Extracted records
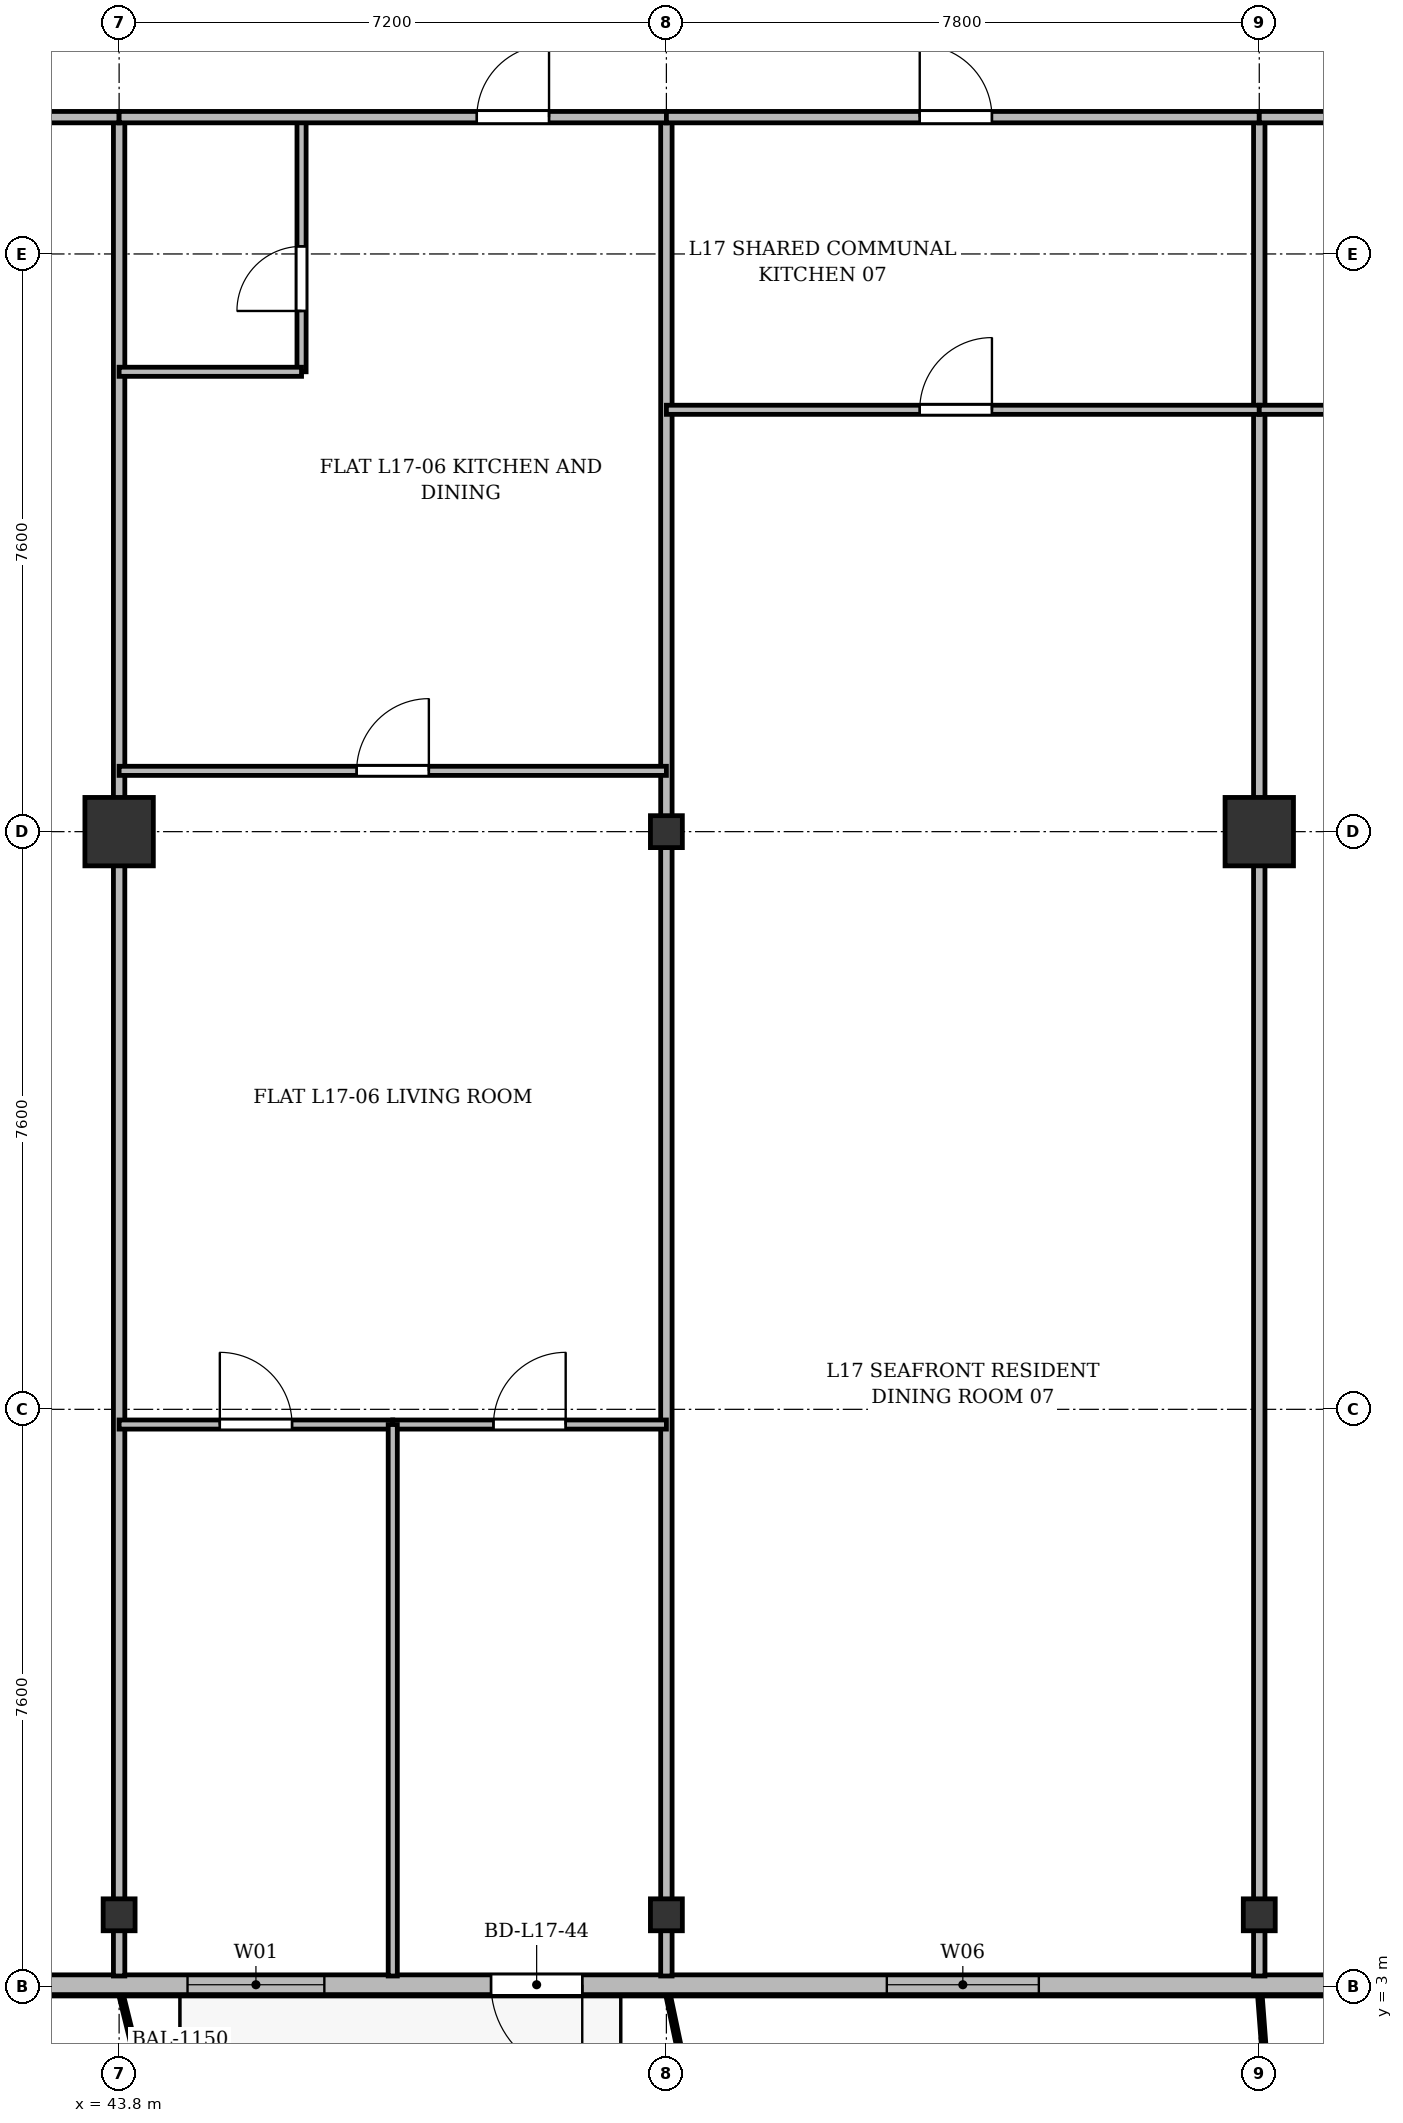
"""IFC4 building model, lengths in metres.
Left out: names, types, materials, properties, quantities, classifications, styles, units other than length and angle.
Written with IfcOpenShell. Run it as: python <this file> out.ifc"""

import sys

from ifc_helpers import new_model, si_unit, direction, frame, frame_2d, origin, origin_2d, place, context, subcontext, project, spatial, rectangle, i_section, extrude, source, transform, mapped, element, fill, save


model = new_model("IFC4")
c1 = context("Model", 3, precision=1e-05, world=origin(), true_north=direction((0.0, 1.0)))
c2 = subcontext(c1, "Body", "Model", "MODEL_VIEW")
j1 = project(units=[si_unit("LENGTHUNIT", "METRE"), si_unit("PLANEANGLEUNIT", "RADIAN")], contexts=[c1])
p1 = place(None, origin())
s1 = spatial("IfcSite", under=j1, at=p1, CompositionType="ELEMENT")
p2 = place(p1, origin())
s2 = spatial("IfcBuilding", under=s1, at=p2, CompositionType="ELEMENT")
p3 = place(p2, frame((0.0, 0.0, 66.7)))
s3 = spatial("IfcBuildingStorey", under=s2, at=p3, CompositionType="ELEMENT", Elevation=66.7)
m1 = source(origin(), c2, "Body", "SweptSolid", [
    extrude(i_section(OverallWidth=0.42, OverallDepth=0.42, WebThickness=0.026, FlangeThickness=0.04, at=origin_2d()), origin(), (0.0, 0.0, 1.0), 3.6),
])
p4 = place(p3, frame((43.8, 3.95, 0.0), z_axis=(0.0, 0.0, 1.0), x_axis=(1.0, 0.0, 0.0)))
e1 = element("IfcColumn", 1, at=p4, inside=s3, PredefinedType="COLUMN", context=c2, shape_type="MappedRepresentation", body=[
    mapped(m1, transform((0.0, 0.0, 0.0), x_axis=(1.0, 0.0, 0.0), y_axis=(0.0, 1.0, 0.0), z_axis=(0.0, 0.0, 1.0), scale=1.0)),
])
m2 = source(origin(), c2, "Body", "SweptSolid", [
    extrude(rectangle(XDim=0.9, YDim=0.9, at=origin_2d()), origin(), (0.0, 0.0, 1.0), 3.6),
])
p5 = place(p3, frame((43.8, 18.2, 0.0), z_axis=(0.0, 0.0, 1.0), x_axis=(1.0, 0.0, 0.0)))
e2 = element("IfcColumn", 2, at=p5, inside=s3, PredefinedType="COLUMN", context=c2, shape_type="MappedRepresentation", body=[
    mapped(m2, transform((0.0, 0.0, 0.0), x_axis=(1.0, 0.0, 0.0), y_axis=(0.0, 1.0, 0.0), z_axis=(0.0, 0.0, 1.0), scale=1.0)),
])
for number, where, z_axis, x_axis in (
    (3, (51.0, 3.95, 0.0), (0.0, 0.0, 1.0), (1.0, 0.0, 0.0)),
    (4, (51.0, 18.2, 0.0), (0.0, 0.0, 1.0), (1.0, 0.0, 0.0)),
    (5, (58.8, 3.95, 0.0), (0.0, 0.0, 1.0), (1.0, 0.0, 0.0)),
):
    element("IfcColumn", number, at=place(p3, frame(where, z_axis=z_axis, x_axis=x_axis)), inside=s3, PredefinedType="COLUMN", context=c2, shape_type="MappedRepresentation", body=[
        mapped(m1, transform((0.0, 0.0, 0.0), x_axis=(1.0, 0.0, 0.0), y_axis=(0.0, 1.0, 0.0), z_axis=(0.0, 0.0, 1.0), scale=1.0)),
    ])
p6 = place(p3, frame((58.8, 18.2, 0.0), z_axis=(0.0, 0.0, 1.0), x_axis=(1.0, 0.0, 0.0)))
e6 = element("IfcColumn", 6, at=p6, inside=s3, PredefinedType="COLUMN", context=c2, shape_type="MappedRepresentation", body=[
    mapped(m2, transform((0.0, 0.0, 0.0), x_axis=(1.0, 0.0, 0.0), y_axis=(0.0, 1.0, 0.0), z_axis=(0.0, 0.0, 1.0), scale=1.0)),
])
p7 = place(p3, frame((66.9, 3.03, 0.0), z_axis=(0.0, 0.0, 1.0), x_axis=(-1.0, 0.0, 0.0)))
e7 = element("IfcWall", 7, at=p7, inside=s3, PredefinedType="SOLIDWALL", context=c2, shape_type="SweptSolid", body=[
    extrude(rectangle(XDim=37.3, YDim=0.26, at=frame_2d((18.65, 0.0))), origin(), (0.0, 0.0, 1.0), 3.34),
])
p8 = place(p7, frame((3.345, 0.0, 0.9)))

Directions
Only the entries themselves should be output, word for word, with all pictures omitted.

Task response
"""IFC4 building model, lengths in metres.
Left out: names, types, materials, properties, quantities, classifications, styles, units other than length and angle.
Written with IfcOpenShell. Run it as: python <this file> out.ifc"""

import sys

from ifc_helpers import new_model, si_unit, direction, frame, frame_2d, origin, origin_2d, place, context, subcontext, project, spatial, rectangle, i_section, extrude, source, transform, mapped, element, fill, save


model = new_model("IFC4")
c1 = context("Model", 3, precision=1e-05, world=origin(), true_north=direction((0.0, 1.0)))
c2 = subcontext(c1, "Body", "Model", "MODEL_VIEW")
j1 = project(units=[si_unit("LENGTHUNIT", "METRE"), si_unit("PLANEANGLEUNIT", "RADIAN")], contexts=[c1])
p1 = place(None, origin())
s1 = spatial("IfcSite", under=j1, at=p1, CompositionType="ELEMENT")
p2 = place(p1, origin())
s2 = spatial("IfcBuilding", under=s1, at=p2, CompositionType="ELEMENT")
p3 = place(p2, frame((0.0, 0.0, 66.7)))
s3 = spatial("IfcBuildingStorey", under=s2, at=p3, CompositionType="ELEMENT", Elevation=66.7)
m1 = source(origin(), c2, "Body", "SweptSolid", [
    extrude(i_section(OverallWidth=0.42, OverallDepth=0.42, WebThickness=0.026, FlangeThickness=0.04, at=origin_2d()), origin(), (0.0, 0.0, 1.0), 3.6),
])
p4 = place(p3, frame((43.8, 3.95, 0.0), z_axis=(0.0, 0.0, 1.0), x_axis=(1.0, 0.0, 0.0)))
e1 = element("IfcColumn", 1, at=p4, inside=s3, PredefinedType="COLUMN", context=c2, shape_type="MappedRepresentation", body=[
    mapped(m1, transform((0.0, 0.0, 0.0), x_axis=(1.0, 0.0, 0.0), y_axis=(0.0, 1.0, 0.0), z_axis=(0.0, 0.0, 1.0), scale=1.0)),
])
m2 = source(origin(), c2, "Body", "SweptSolid", [
    extrude(rectangle(XDim=0.9, YDim=0.9, at=origin_2d()), origin(), (0.0, 0.0, 1.0), 3.6),
])
p5 = place(p3, frame((43.8, 18.2, 0.0), z_axis=(0.0, 0.0, 1.0), x_axis=(1.0, 0.0, 0.0)))
e2 = element("IfcColumn", 2, at=p5, inside=s3, PredefinedType="COLUMN", context=c2, shape_type="MappedRepresentation", body=[
    mapped(m2, transform((0.0, 0.0, 0.0), x_axis=(1.0, 0.0, 0.0), y_axis=(0.0, 1.0, 0.0), z_axis=(0.0, 0.0, 1.0), scale=1.0)),
])
for number, where, z_axis, x_axis in (
    (3, (51.0, 3.95, 0.0), (0.0, 0.0, 1.0), (1.0, 0.0, 0.0)),
    (4, (51.0, 18.2, 0.0), (0.0, 0.0, 1.0), (1.0, 0.0, 0.0)),
    (5, (58.8, 3.95, 0.0), (0.0, 0.0, 1.0), (1.0, 0.0, 0.0)),
):
    element("IfcColumn", number, at=place(p3, frame(where, z_axis=z_axis, x_axis=x_axis)), inside=s3, PredefinedType="COLUMN", context=c2, shape_type="MappedRepresentation", body=[
        mapped(m1, transform((0.0, 0.0, 0.0), x_axis=(1.0, 0.0, 0.0), y_axis=(0.0, 1.0, 0.0), z_axis=(0.0, 0.0, 1.0), scale=1.0)),
    ])
p6 = place(p3, frame((58.8, 18.2, 0.0), z_axis=(0.0, 0.0, 1.0), x_axis=(1.0, 0.0, 0.0)))
e6 = element("IfcColumn", 6, at=p6, inside=s3, PredefinedType="COLUMN", context=c2, shape_type="MappedRepresentation", body=[
    mapped(m2, transform((0.0, 0.0, 0.0), x_axis=(1.0, 0.0, 0.0), y_axis=(0.0, 1.0, 0.0), z_axis=(0.0, 0.0, 1.0), scale=1.0)),
])
p7 = place(p3, frame((66.9, 3.03, 0.0), z_axis=(0.0, 0.0, 1.0), x_axis=(-1.0, 0.0, 0.0)))
e7 = element("IfcWall", 7, at=p7, inside=s3, PredefinedType="SOLIDWALL", context=c2, shape_type="SweptSolid", body=[
    extrude(rectangle(XDim=37.3, YDim=0.26, at=frame_2d((18.65, 0.0))), origin(), (0.0, 0.0, 1.0), 3.34),
])
p8 = place(p7, frame((3.345, 0.0, 0.9)))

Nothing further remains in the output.